* WORK ORDER:
The required output is the line containing "#132=EDGE_CURVE('',#88,#86,#131,.T.);" and every line after it, transcribed exactly through the end of the data below.

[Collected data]
· · ·

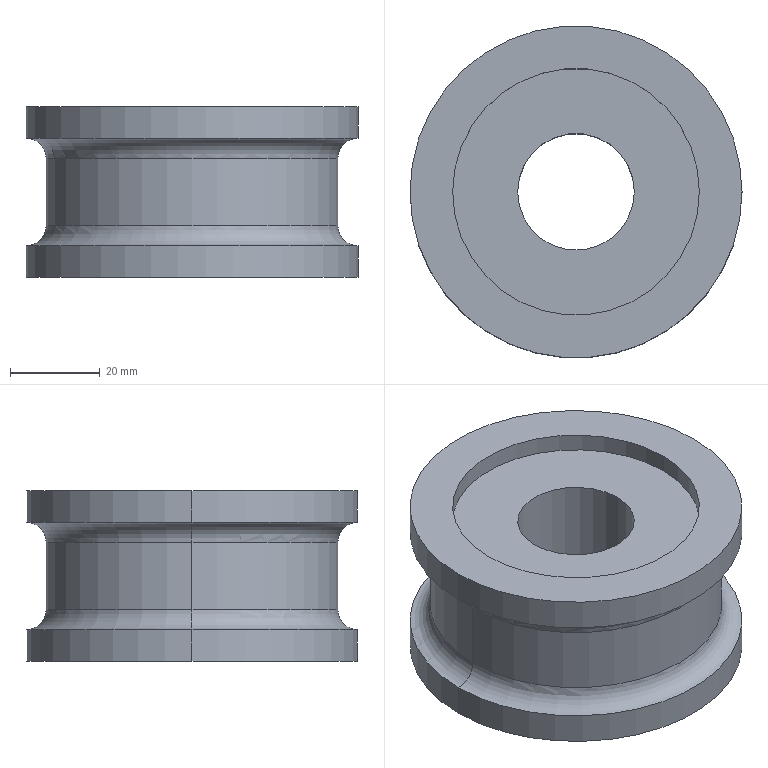Component | SolidWorks | 12AFlatGrooveSmallWheel-MillingAxis-1_12AFlatSlotSmallStraighteningWheel-1 | 1 solid | 20 faces | box 74 x 74 x 38 mm | volume 106746 mm3 | cylinder 12 | torus 4 | plane 4 | commonest cylinder face diameters 55 x4 74 x4 26 x2 65 x2 | material GCr15
build123d program:
from build123d import *


with BuildPart() as part:
    # Sketch1 → Revolve1 (revolve)
    with BuildSketch(Plane.XY, mode=Mode.PRIVATE) as revolve1_sk:
        with BuildLine():
            Line((0, 27.5), (0, 37))
            Line((0, 37), (7, 37))
            ThreePointArc((7, 37), (8.318, 33.818), (11.5, 32.5))
            Line((11.5, 32.5), (26.5, 32.5))
            ThreePointArc((26.5, 32.5), (29.682, 33.818), (31, 37))
            Line((31, 37), (38, 37))
            Line((38, 37), (38, 27.5))
            Line((38, 27.5), (34, 27.5))
            Line((34, 27.5), (34, 13))
            Line((34, 13), (4, 13))
            Line((4, 13), (4, 27.5))
            Line((4, 27.5), (0, 27.5))
        make_face()
    revolve(revolve1_sk.sketch.rotate(Axis((0, 0, 0), (1, 0, 0)), 90), axis=Axis((0, 0, 0), (1, 0, 0)))


solid = part.part

# Placed as in the assembly
solid = solid.moved(Location((-170.402, 66.538, 55.75), (0, 90, 0)))
STEP:
#1=CARTESIAN_POINT('',(-7.221,2.62,0.8563));
#2=VERTEX_POINT('',#1);
#3=CARTESIAN_POINT('',(-6.197,2.62,0.8563));
#4=VERTEX_POINT('',#3);
#5=CARTESIAN_POINT('',(-6.709,2.62,0.8563));
#6=DIRECTION('',(0.,0.,1.));
#7=DIRECTION('',(1.,0.,0.));
#8=AXIS2_PLACEMENT_3D('',#5,#6,#7);
#9=CIRCLE('',#8,0.5118);
#10=EDGE_CURVE('',#2,#4,#9,.T.);
#11=ORIENTED_EDGE('',*,*,#10,.F.);
#12=CARTESIAN_POINT('',(-7.221,2.62,2.037));
#13=VERTEX_POINT('',#12);
#14=CARTESIAN_POINT('',(-7.221,2.62,2.195));
#15=DIRECTION('',(0.,0.,1.));
#16=VECTOR('',#15,39.37);
#17=LINE('',#14,#16);
#18=EDGE_CURVE('',#2,#13,#17,.T.);
#19=ORIENTED_EDGE('',*,*,#18,.T.);
#20=CARTESIAN_POINT('',(-6.197,2.62,2.037));
#21=VERTEX_POINT('',#20);
#22=CARTESIAN_POINT('',(-6.709,2.62,2.037));
#23=DIRECTION('',(0.,0.,1.));
#24=DIRECTION('',(1.,0.,0.));
#25=AXIS2_PLACEMENT_3D('',#22,#23,#24);
#26=CIRCLE('',#25,0.5118);
#27=EDGE_CURVE('',#13,#21,#26,.T.);
#28=ORIENTED_EDGE('',*,*,#27,.T.);
#29=CARTESIAN_POINT('',(-6.197,2.62,2.195));
#30=DIRECTION('',(0.,0.,1.));
#31=VECTOR('',#30,39.37);
#32=LINE('',#29,#31);
#33=EDGE_CURVE('',#4,#21,#32,.T.);
#34=ORIENTED_EDGE('',*,*,#33,.F.);
#35=EDGE_LOOP('',(#11,#19,#28,#34));
#36=FACE_OUTER_BOUND('',#35,.T.);
#37=CARTESIAN_POINT('',(-6.709,2.62,2.195));
#38=DIRECTION('',(0.,0.,1.));
#39=DIRECTION('',(1.,0.,0.));
#40=AXIS2_PLACEMENT_3D('',#37,#38,#39);
#41=CYLINDRICAL_SURFACE('',#40,0.5118);
#42=ADVANCED_FACE('',(#36),#41,.F.);
#43=CARTESIAN_POINT('',(-7.791,2.62,2.037));
#44=VERTEX_POINT('',#43);
#45=CARTESIAN_POINT('',(-5.626,2.62,2.037));
#46=VERTEX_POINT('',#45);
#47=CARTESIAN_POINT('',(-6.709,2.62,2.037));
#48=DIRECTION('',(0.,0.,1.));
#49=DIRECTION('',(1.,0.,0.));
#50=AXIS2_PLACEMENT_3D('',#47,#48,#49);
#51=CIRCLE('',#50,1.083);
#52=EDGE_CURVE('',#44,#46,#51,.T.);
#53=ORIENTED_EDGE('',*,*,#52,.F.);
#54=CARTESIAN_POINT('',(-7.791,2.62,2.195));
#55=VERTEX_POINT('',#54);
#56=CARTESIAN_POINT('',(-7.791,2.62,2.195));
#57=DIRECTION('',(0.,0.,1.));
#58=VECTOR('',#57,39.37);
#59=LINE('',#56,#58);
#60=EDGE_CURVE('',#44,#55,#59,.T.);
#61=ORIENTED_EDGE('',*,*,#60,.T.);
#62=CARTESIAN_POINT('',(-5.626,2.62,2.195));
#63=VERTEX_POINT('',#62);
#64=CARTESIAN_POINT('',(-6.709,2.62,2.195));
#65=DIRECTION('',(0.,0.,1.));
#66=DIRECTION('',(1.,0.,0.));
#67=AXIS2_PLACEMENT_3D('',#64,#65,#66);
#68=CIRCLE('',#67,1.083);
#69=EDGE_CURVE('',#55,#63,#68,.T.);
#70=ORIENTED_EDGE('',*,*,#69,.T.);
#71=CARTESIAN_POINT('',(-5.626,2.62,2.195));
#72=DIRECTION('',(0.,0.,1.));
#73=VECTOR('',#72,39.37);
#74=LINE('',#71,#73);
#75=EDGE_CURVE('',#46,#63,#74,.T.);
#76=ORIENTED_EDGE('',*,*,#75,.F.);
#77=EDGE_LOOP('',(#53,#61,#70,#76));
#78=FACE_OUTER_BOUND('',#77,.T.);
#79=CARTESIAN_POINT('',(-6.709,2.62,2.195));
#80=DIRECTION('',(0.,0.,1.));
#81=DIRECTION('',(1.,0.,0.));
#82=AXIS2_PLACEMENT_3D('',#79,#80,#81);
#83=CYLINDRICAL_SURFACE('',#82,1.083);
#84=ADVANCED_FACE('',(#78),#83,.F.);
#85=CARTESIAN_POINT('',(-5.252,2.62,1.919));
#86=VERTEX_POINT('',#85);
#87=CARTESIAN_POINT('',(-8.165,2.62,1.919));
#88=VERTEX_POINT('',#87);
#89=CARTESIAN_POINT('',(-6.709,2.62,1.919));
#90=DIRECTION('',(0.,0.,1.));
#91=DIRECTION('',(1.,0.,0.));
#92=AXIS2_PLACEMENT_3D('',#89,#90,#91);
#93=CIRCLE('',#92,1.457);
#94=EDGE_CURVE('',#86,#88,#93,.T.);
#95=ORIENTED_EDGE('',*,*,#94,.T.);
#96=CARTESIAN_POINT('',(-8.165,2.62,2.195));
#97=VERTEX_POINT('',#96);
#98=CARTESIAN_POINT('',(-8.165,2.62,2.195));
#99=DIRECTION('',(0.,0.,1.));
#100=VECTOR('',#99,39.37);
#101=LINE('',#98,#100);
#102=EDGE_CURVE('',#88,#97,#101,.T.);
#103=ORIENTED_EDGE('',*,*,#102,.T.);
#104=CARTESIAN_POINT('',(-5.252,2.62,2.195));
#105=VERTEX_POINT('',#104);
#106=CARTESIAN_POINT('',(-6.709,2.62,2.195));
#107=DIRECTION('',(0.,0.,1.));
#108=DIRECTION('',(1.,0.,0.));
#109=AXIS2_PLACEMENT_3D('',#106,#107,#108);
#110=CIRCLE('',#109,1.457);
#111=EDGE_CURVE('',#105,#97,#110,.T.);
#112=ORIENTED_EDGE('',*,*,#111,.F.);
#113=CARTESIAN_POINT('',(-5.252,2.62,2.195));
#114=DIRECTION('',(0.,0.,1.));
#115=VECTOR('',#114,39.37);
#116=LINE('',#113,#115);
#117=EDGE_CURVE('',#86,#105,#116,.T.);
#118=ORIENTED_EDGE('',*,*,#117,.F.);
#119=EDGE_LOOP('',(#95,#103,#112,#118));
#120=FACE_OUTER_BOUND('',#119,.T.);
#121=CARTESIAN_POINT('',(-6.709,2.62,2.195));
#122=DIRECTION('',(0.,0.,1.));
#123=DIRECTION('',(1.,0.,0.));
#124=AXIS2_PLACEMENT_3D('',#121,#122,#123);
#125=CYLINDRICAL_SURFACE('',#124,1.457);
#126=ADVANCED_FACE('',(#120),#125,.T.);
#127=CARTESIAN_POINT('',(-6.709,2.62,1.919));
#128=DIRECTION('',(0.,0.,1.));
#129=DIRECTION('',(1.,0.,0.));
#130=AXIS2_PLACEMENT_3D('',#127,#128,#129);
#131=CIRCLE('',#130,1.457);
#132=EDGE_CURVE('',#88,#86,#131,.T.);
#133=ORIENTED_EDGE('',*,*,#132,.F.);
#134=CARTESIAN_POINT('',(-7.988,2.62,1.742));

· · ·

* REPLY TO THE TASK:
#132=EDGE_CURVE('',#88,#86,#131,.T.);
#133=ORIENTED_EDGE('',*,*,#132,.F.);
#134=CARTESIAN_POINT('',(-7.988,2.62,1.742));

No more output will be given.